### What needs to be done
If a line in the entries below holds the string "import", copy it.

--

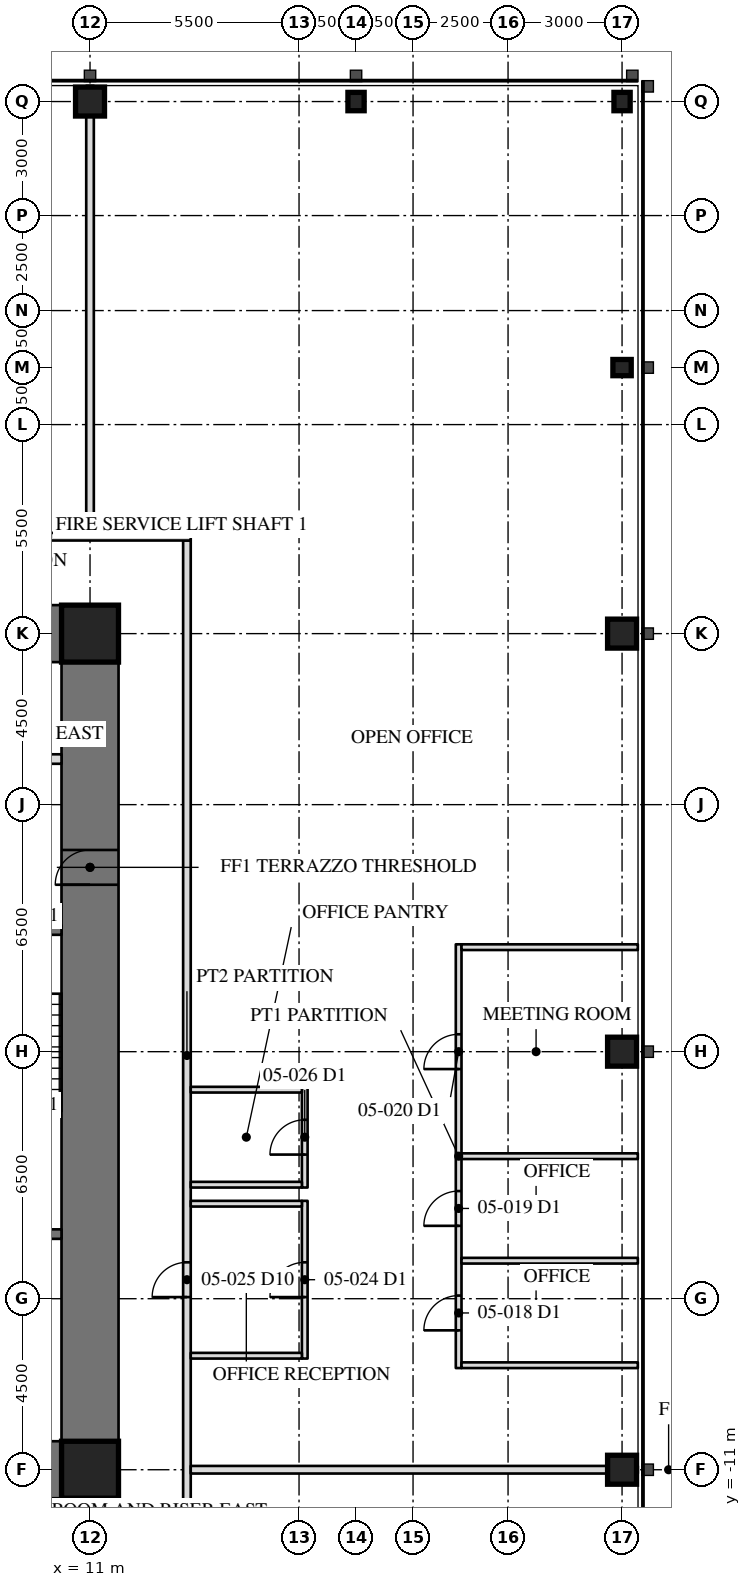
"""IFC4 building model, lengths in metres.
Left out: names, types, materials, properties, quantities, classifications, styles, units other than length and angle.
Written with IfcOpenShell. Run it as: python <this file> out.ifc"""

import sys

from ifc_helpers import new_model, si_unit, direction, frame, frame_2d, origin, origin_2d, place, context, subcontext, project, spatial, rectangle, hollow_rectangle, i_section, extrude, element, fill, save


model = new_model("IFC4")
c1 = context("Model", 3, precision=1e-05, world=origin(), true_north=direction((0.0, 1.0)))
c2 = subcontext(c1, "Body", "Model", "MODEL_VIEW")
j1 = project(units=[si_unit("LENGTHUNIT", "METRE"), si_unit("PLANEANGLEUNIT", "RADIAN")], contexts=[c1])
p1 = place(None, origin())
s1 = spatial("IfcSite", under=j1, at=p1, CompositionType="ELEMENT")
p2 = place(p1, origin())
s2 = spatial("IfcBuilding", under=s1, at=p2, CompositionType="ELEMENT")
p3 = place(p2, frame((0.0, 0.0, 24.2)))
s3 = spatial("IfcBuildingStorey", under=s2, at=p3, CompositionType="ELEMENT", Elevation=24.2)
for number, where, z_axis, x_axis in (
    (1, (25.0, -11.0, 0.0), (0.0, 0.0, 1.0), (0.0, 1.0, 0.0)),
    (2, (25.0, 0.0, 0.0), (0.0, 0.0, 1.0), (0.0, 1.0, 0.0)),
    (3, (25.0, 11.0, 0.0), (0.0, 0.0, 1.0), (0.0, 1.0, 0.0)),
):
    element("IfcColumn", number, at=place(p3, frame(where, z_axis=z_axis, x_axis=x_axis)), inside=s3, PredefinedType="COLUMN", context=c2, shape_type="SweptSolid", body=[
        extrude(hollow_rectangle(XDim=0.762, YDim=0.762, WallThickness=0.127, at=origin_2d()), origin(), (0.0, 0.0, 1.0), 4.1),
    ])
for number, where, z_axis, x_axis in (
    (4, (25.0, 18.0, 0.0), (0.0, 0.0, 1.0), (0.0, 1.0, 0.0)),
    (5, (25.0, 25.0, 0.0), (0.0, 0.0, 1.0), (1.0, 0.0, 0.0)),
    (6, (18.0, 25.0, 0.0), (0.0, 0.0, 1.0), (1.0, 0.0, 0.0)),
):
    element("IfcColumn", number, at=place(p3, frame(where, z_axis=z_axis, x_axis=x_axis)), inside=s3, PredefinedType="COLUMN", context=c2, shape_type="SweptSolid", body=[
        extrude(i_section(OverallWidth=0.427, OverallDepth=0.483, WebThickness=0.051, FlangeThickness=0.082, at=origin_2d()), origin(), (0.0, 0.0, 1.0), 4.1),
    ])
p4 = place(p3, frame((11.0, 25.0, 0.0), z_axis=(0.0, 0.0, 1.0), x_axis=(1.0, 0.0, 0.0)))
e7 = element("IfcColumn", 7, at=p4, inside=s3, PredefinedType="COLUMN", context=c2, shape_type="SweptSolid", body=[
    extrude(hollow_rectangle(XDim=0.762, YDim=0.762, WallThickness=0.127, at=origin_2d()), origin(), (0.0, 0.0, 1.0), 4.1),
])
p5 = place(p3, frame((11.0, -11.0, 0.0), z_axis=(0.0, 0.0, 1.0), x_axis=(0.0, 1.0, 0.0)))
e8 = element("IfcWall", 8, at=p5, inside=s3, PredefinedType="SHEAR", context=c2, shape_type="SweptSolid", body=[
    extrude(rectangle(XDim=22.0, YDim=1.5, at=frame_2d((11.0, 0.0))), origin(), (0.0, 0.0, 1.0), 4.1),
])
p6 = place(p5, frame((15.393, 0.0, 0.0)))
e9 = element("IfcOpeningElement", 9, at=p6, cuts=e8, PredefinedType="OPENING", context=c2, shape_type="SweptSolid", body=[
    extrude(rectangle(XDim=0.915, YDim=2.134, at=frame_2d((0.458, 1.067))), frame((0.0, 0.76, 0.0), z_axis=(0.0, -1.0, 0.0), x_axis=(1.0, 0.0, 0.0)), (0.0, 0.0, 1.0), 1.52),
])
for number, where, z_axis, x_axis in (
    (10, (11.0, 11.0, 0.0), (0.0, 0.0, 1.0), (-1.0, 0.0, 0.0)),
    (11, (6.5, -11.0, 0.0), (0.0, 0.0, 1.0), (1.0, 0.0, 0.0)),
):
    element("IfcWall", number, at=place(p3, frame(where, z_axis=z_axis, x_axis=x_axis)), inside=s3, PredefinedType="SHEAR", context=c2, shape_type="SweptSolid", body=[
        extrude(rectangle(XDim=4.5, YDim=1.5, at=frame_2d((2.25, 0.0))), origin(), (0.0, 0.0, 1.0), 4.1),
    ])
for number, where, z_axis, x_axis in (
    (12, (11.0, 11.0, 0.0), (0.0, 0.0, 1.0), (1.0, 0.0, 0.0)),
    (13, (11.0, -11.0, 0.0), (0.0, 0.0, 1.0), (1.0, 0.0, 0.0)),
):
    element("IfcColumn", number, at=place(p3, frame(where, z_axis=z_axis, x_axis=x_axis)), inside=s3, PredefinedType="COLUMN", context=c2, shape_type="SweptSolid", body=[
        extrude(hollow_rectangle(XDim=1.499, YDim=1.499, WallThickness=0.102, at=origin_2d()), origin(), (0.0, 0.0, 1.0), 4.1),
    ])
p7 = place(p3, frame((6.95, -4.8, 0.0), z_axis=(0.0, 0.0, 1.0), x_axis=(1.0, 0.0, 0.0)))
e14 = element("IfcWall", 14, at=p7, inside=s3, PredefinedType="SOLIDWALL", context=c2, shape_type="SweptSolid", body=[
    extrude(rectangle(XDim=3.3, YDim=0.25, at=frame_2d((1.65, 0.0))), origin(), (0.0, 0.0, 1.0), 3.91),
])
p8 = place(p3, frame((6.95, 3.2, 0.0), z_axis=(0.0, 0.0, 1.0), x_axis=(1.0, 0.0, 0.0)))
e15 = element("IfcWall", 15, at=p8, inside=s3, PredefinedType="SOLIDWALL", context=c2, shape_type="SweptSolid", body=[
    extrude(rectangle(XDim=3.3, YDim=0.25, at=frame_2d((1.65, 0.0))), origin(), (0.0, 0.0, 1.0), 3.91),
])
p9 = place(p8, frame((1.116, 0.0, 0.0)))
e16 = element("IfcOpeningElement", 16, at=p9, cuts=e15, PredefinedType="OPENING", context=c2, shape_type="SweptSolid", body=[
    extrude(rectangle(XDim=1.067, YDim=2.134, at=frame_2d((0.533, 1.067))), frame((0.0, 0.135, 0.0), z_axis=(0.0, -1.0, 0.0), x_axis=(1.0, 0.0, 0.0)), (0.0, 0.0, 1.0), 0.27),
])
p10 = place(p3, frame((6.95, 7.7, 0.0), z_axis=(0.0, 0.0, 1.0), x_axis=(1.0, 0.0, 0.0)))
e17 = element("IfcWall", 17, at=p10, inside=s3, PredefinedType="PARTITIONING", context=c2, shape_type="SweptSolid", body=[
    extrude(rectangle(XDim=3.3, YDim=0.25, at=frame_2d((1.65, 0.0))), origin(), (0.0, 0.0, 1.0), 3.91),
])
p11 = place(p10, frame((0.45, 0.0, 0.0)))
e18 = element("IfcOpeningElement", 18, at=p11, cuts=e17, PredefinedType="OPENING", context=c2, shape_type="SweptSolid", body=[
    extrude(rectangle(XDim=1.219, YDim=2.134, at=frame_2d((0.609, 1.067))), frame((0.0, 0.135, 0.0), z_axis=(0.0, -1.0, 0.0), x_axis=(1.0, 0.0, 0.0)), (0.0, 0.0, 1.0), 0.27),
])
p12 = place(p3, frame((13.55, -13.65, 0.0), z_axis=(0.0, 0.0, 1.0), x_axis=(0.0, 1.0, 0.0)))
e19 = element("IfcWall", 19, at=p12, inside=s3, PredefinedType="PARTITIONING", context=c2, shape_type="SweptSolid", body=[
    extrude(rectangle(XDim=27.1, YDim=0.2, at=frame_2d((13.55, 0.0))), origin(), (0.0, 0.0, 1.0), 3.91),
])
p13 = place(p12, frame((7.192, 0.0, 0.0)))
e20 = element("IfcOpeningElement", 20, at=p13, cuts=e19, PredefinedType="OPENING", context=c2, shape_type="SweptSolid", body=[
    extrude(rectangle(XDim=0.915, YDim=2.134, at=frame_2d((0.458, 1.067))), frame((0.0, 0.11, 0.0), z_axis=(0.0, -1.0, 0.0), x_axis=(1.0, 0.0, 0.0)), (0.0, 0.0, 1.0), 0.22),
])
p14 = place(p3, frame((13.65, 13.55, 0.0), z_axis=(0.0, 0.0, 1.0), x_axis=(-1.0, 0.0, 0.0)))
e21 = element("IfcWall", 21, at=p14, inside=s3, PredefinedType="PARTITIONING", context=c2, shape_type="SweptSolid", body=[
    extrude(rectangle(XDim=27.1, YDim=0.2, at=frame_2d((13.55, 0.0))), origin(), (0.0, 0.0, 1.0), 3.91),
])
p15 = place(p14, frame((9.192, 0.0, 0.0)))
e22 = element("IfcOpeningElement", 22, at=p15, cuts=e21, PredefinedType="OPENING", context=c2, shape_type="SweptSolid", body=[
    extrude(rectangle(XDim=0.915, YDim=2.134, at=frame_2d((0.458, 1.067))), frame((0.0, 0.11, 0.0), z_axis=(0.0, -1.0, 0.0), x_axis=(1.0, 0.0, 0.0)), (0.0, 0.0, 1.0), 0.22),
])
for number, where, z_axis, x_axis in (
    (23, (11.0, 13.65, 0.0), (0.0, 0.0, 1.0), (0.0, 1.0, 0.0)),
    (24, (13.65, -11.0, 0.0), (0.0, 0.0, 1.0), (1.0, 0.0, 0.0)),
):
    element("IfcWall", number, at=place(p3, frame(where, z_axis=z_axis, x_axis=x_axis)), inside=s3, PredefinedType="PARTITIONING", context=c2, shape_type="SweptSolid", body=[
        extrude(rectangle(XDim=11.765, YDim=0.2, at=frame_2d((5.883, 0.0))), origin(), (0.0, 0.0, 1.0), 3.13),
    ])
p16 = place(p3, frame((20.7, -8.325, 0.0), z_axis=(0.0, 0.0, 1.0), x_axis=(0.0, 1.0, 0.0)))
e25 = element("IfcWall", 25, at=p16, inside=s3, PredefinedType="PARTITIONING", context=c2, shape_type="SweptSolid", body=[
    extrude(rectangle(XDim=11.15, YDim=0.15, at=frame_2d((5.575, 0.0))), origin(), (0.0, 0.0, 1.0), 3.91),
])
p17 = place(p16, frame((0.992, 0.0, 0.0)))
e26 = element("IfcOpeningElement", 26, at=p17, cuts=e25, PredefinedType="OPENING", context=c2, shape_type="SweptSolid", body=[
    extrude(rectangle(XDim=0.915, YDim=2.134, at=frame_2d((0.458, 1.067))), frame((0.0, 0.085, 0.0), z_axis=(0.0, -1.0, 0.0), x_axis=(1.0, 0.0, 0.0)), (0.0, 0.0, 1.0), 0.17),
])
p18 = place(p16, frame((3.742, 0.0, 0.0)))
e27 = element("IfcOpeningElement", 27, at=p18, cuts=e25, PredefinedType="OPENING", context=c2, shape_type="SweptSolid", body=[
    extrude(rectangle(XDim=0.915, YDim=2.134, at=frame_2d((0.458, 1.067))), frame((0.0, 0.085, 0.0), z_axis=(0.0, -1.0, 0.0), x_axis=(1.0, 0.0, 0.0)), (0.0, 0.0, 1.0), 0.17),
])
p19 = place(p16, frame((7.867, 0.0, 0.0)))
e28 = element("IfcOpeningElement", 28, at=p19, cuts=e25, PredefinedType="OPENING", context=c2, shape_type="SweptSolid", body=[
    extrude(rectangle(XDim=0.915, YDim=2.134, at=frame_2d((0.458, 1.067))), frame((0.0, 0.085, 0.0), z_axis=(0.0, -1.0, 0.0), x_axis=(1.0, 0.0, 0.0)), (0.0, 0.0, 1.0), 0.17),
])
for number, where, z_axis, x_axis in (
    (29, (20.775, -8.25, 0.0), (0.0, 0.0, 1.0), (1.0, 0.0, 0.0)),
    (30, (20.775, -5.5, 0.0), (0.0, 0.0, 1.0), (1.0, 0.0, 0.0)),
    (31, (20.775, -2.75, 0.0), (0.0, 0.0, 1.0), (1.0, 0.0, 0.0)),
    (32, (20.775, 2.75, 0.0), (0.0, 0.0, 1.0), (1.0, 0.0, 0.0)),
):
    element("IfcWall", number, at=place(p3, frame(where, z_axis=z_axis, x_axis=x_axis)), inside=s3, PredefinedType="PARTITIONING", context=c2, shape_type="SweptSolid", body=[
        extrude(rectangle(XDim=4.64, YDim=0.15, at=frame_2d((2.32, 0.0))), origin(), (0.0, 0.0, 1.0), 3.91),
    ])
p20 = place(p3, frame((16.65, -8.075, 0.0), z_axis=(0.0, 0.0, 1.0), x_axis=(0.0, 1.0, 0.0)))
e33 = element("IfcWall", 33, at=p20, inside=s3, PredefinedType="PARTITIONING", context=c2, shape_type="SweptSolid", body=[
    extrude(rectangle(XDim=4.15, YDim=0.15, at=frame_2d((2.075, 0.0))), origin(), (0.0, 0.0, 1.0), 3.91),
])
p21 = place(p20, frame((1.617, 0.0, 0.0)))
e34 = element("IfcOpeningElement", 34, at=p21, cuts=e33, PredefinedType="OPENING", context=c2, shape_type="SweptSolid", body=[
    extrude(rectangle(XDim=0.915, YDim=2.134, at=frame_2d((0.458, 1.067))), frame((0.0, 0.085, 0.0), z_axis=(0.0, -1.0, 0.0), x_axis=(1.0, 0.0, 0.0)), (0.0, 0.0, 1.0), 0.17),
])
for number, where, z_axis, x_axis in (
    (35, (16.575, -8.0, 0.0), (0.0, 0.0, 1.0), (-1.0, 0.0, 0.0)),
    (36, (16.575, -4.0, 0.0), (0.0, 0.0, 1.0), (-1.0, 0.0, 0.0)),
):
    element("IfcWall", number, at=place(p3, frame(where, z_axis=z_axis, x_axis=x_axis)), inside=s3, PredefinedType="PARTITIONING", context=c2, shape_type="SweptSolid", body=[
        extrude(rectangle(XDim=2.925, YDim=0.15, at=frame_2d((1.462, 0.0))), origin(), (0.0, 0.0, 1.0), 3.91),
    ])
p22 = place(p3, frame((16.65, -3.575, 0.0), z_axis=(0.0, 0.0, 1.0), x_axis=(0.0, 1.0, 0.0)))
e37 = element("IfcWall", 37, at=p22, inside=s3, PredefinedType="PARTITIONING", context=c2, shape_type="SweptSolid", body=[
    extrude(rectangle(XDim=2.65, YDim=0.15, at=frame_2d((1.325, 0.0))), origin(), (0.0, 0.0, 1.0), 3.91),
])
p23 = place(p22, frame((0.867, 0.0, 0.0)))
e38 = element("IfcOpeningElement", 38, at=p23, cuts=e37, PredefinedType="OPENING", context=c2, shape_type="SweptSolid", body=[
    extrude(rectangle(XDim=0.915, YDim=2.134, at=frame_2d((0.458, 1.067))), frame((0.0, 0.085, 0.0), z_axis=(0.0, -1.0, 0.0), x_axis=(1.0, 0.0, 0.0)), (0.0, 0.0, 1.0), 0.17),
])
for number, where, z_axis, x_axis in (
    (39, (16.575, -3.5, 0.0), (0.0, 0.0, 1.0), (-1.0, 0.0, 0.0)),
    (40, (16.575, -1.0, 0.0), (0.0, 0.0, 1.0), (-1.0, 0.0, 0.0)),
):
    element("IfcWall", number, at=place(p3, frame(where, z_axis=z_axis, x_axis=x_axis)), inside=s3, PredefinedType="PARTITIONING", context=c2, shape_type="SweptSolid", body=[
        extrude(rectangle(XDim=2.925, YDim=0.15, at=frame_2d((1.462, 0.0))), origin(), (0.0, 0.0, 1.0), 3.91),
    ])
p24 = place(p6, origin())
e41 = element("IfcDoor", 41, at=p24, inside=s3, OperationType="SINGLE_SWING_RIGHT", PredefinedType="DOOR", context=c2, shape_type="SweptSolid", body=[
    extrude(rectangle(XDim=0.915, YDim=2.134, at=frame_2d((0.458, 1.067))), frame((0.0, -0.675, 0.0), z_axis=(0.0, -1.0, 0.0), x_axis=(1.0, 0.0, 0.0)), (0.0, 0.0, 1.0), 0.05),
])
fill(e9, e41)
p25 = place(p17, origin())
e42 = element("IfcDoor", 42, at=p25, inside=s3, OperationType="SINGLE_SWING_LEFT", PredefinedType="DOOR", context=c2, shape_type="SweptSolid", body=[
    extrude(rectangle(XDim=0.915, YDim=2.134, at=frame_2d((0.458, 1.067))), frame((0.0, 0.025, 0.0), z_axis=(0.0, -1.0, 0.0), x_axis=(1.0, 0.0, 0.0)), (0.0, 0.0, 1.0), 0.05),
])
fill(e26, e42)
p26 = place(p18, origin())
e43 = element("IfcDoor", 43, at=p26, inside=s3, OperationType="SINGLE_SWING_LEFT", PredefinedType="DOOR", context=c2, shape_type="SweptSolid", body=[
    extrude(rectangle(XDim=0.915, YDim=2.134, at=frame_2d((0.458, 1.067))), frame((0.0, 0.025, 0.0), z_axis=(0.0, -1.0, 0.0), x_axis=(1.0, 0.0, 0.0)), (0.0, 0.0, 1.0), 0.05),
])
fill(e27, e43)
p27 = place(p19, origin())
e44 = element("IfcDoor", 44, at=p27, inside=s3, OperationType="SINGLE_SWING_LEFT", PredefinedType="DOOR", context=c2, shape_type="SweptSolid", body=[
    extrude(rectangle(XDim=0.915, YDim=2.134, at=frame_2d((0.458, 1.067))), frame((0.0, 0.025, 0.0), z_axis=(0.0, -1.0, 0.0), x_axis=(1.0, 0.0, 0.0)), (0.0, 0.0, 1.0), 0.05),
])
fill(e28, e44)
p28 = place(p21, origin())
e45 = element("IfcDoor", 45, at=p28, inside=s3, OperationType="SINGLE_SWING_LEFT", PredefinedType="DOOR", context=c2, shape_type="SweptSolid", body=[
    extrude(rectangle(XDim=0.915, YDim=2.134, at=frame_2d((0.458, 1.067))), frame((0.0, 0.025, 0.0), z_axis=(0.0, -1.0, 0.0), x_axis=(1.0, 0.0, 0.0)), (0.0, 0.0, 1.0), 0.05),
])
fill(e34, e45)
p29 = place(p13, origin())
e46 = element("IfcDoor", 46, at=p29, inside=s3, OperationType="SINGLE_SWING_LEFT", PredefinedType="DOOR", context=c2, shape_type="SweptSolid", body=[
    extrude(rectangle(XDim=0.915, YDim=2.134, at=frame_2d((0.458, 1.067))), frame((0.0, 0.025, 0.0), z_axis=(0.0, -1.0, 0.0), x_axis=(1.0, 0.0, 0.0)), (0.0, 0.0, 1.0), 0.05),
])
fill(e20, e46)
p30 = place(p23, origin())
e47 = element("IfcDoor", 47, at=p30, inside=s3, OperationType="SINGLE_SWING_LEFT", PredefinedType="DOOR", context=c2, shape_type="SweptSolid", body=[
    extrude(rectangle(XDim=0.915, YDim=2.134, at=frame_2d((0.458, 1.067))), frame((0.0, 0.025, 0.0), z_axis=(0.0, -1.0, 0.0), x_axis=(1.0, 0.0, 0.0)), (0.0, 0.0, 1.0), 0.05),
])
fill(e38, e47)
save(model, sys.argv[1])

--

### Answer
import sys
from ifc_helpers import new_model, si_unit, direction, frame, frame_2d, origin, origin_2d, place, context, subcontext, project, spatial, rectangle, hollow_rectangle, i_section, extrude, element, fill, save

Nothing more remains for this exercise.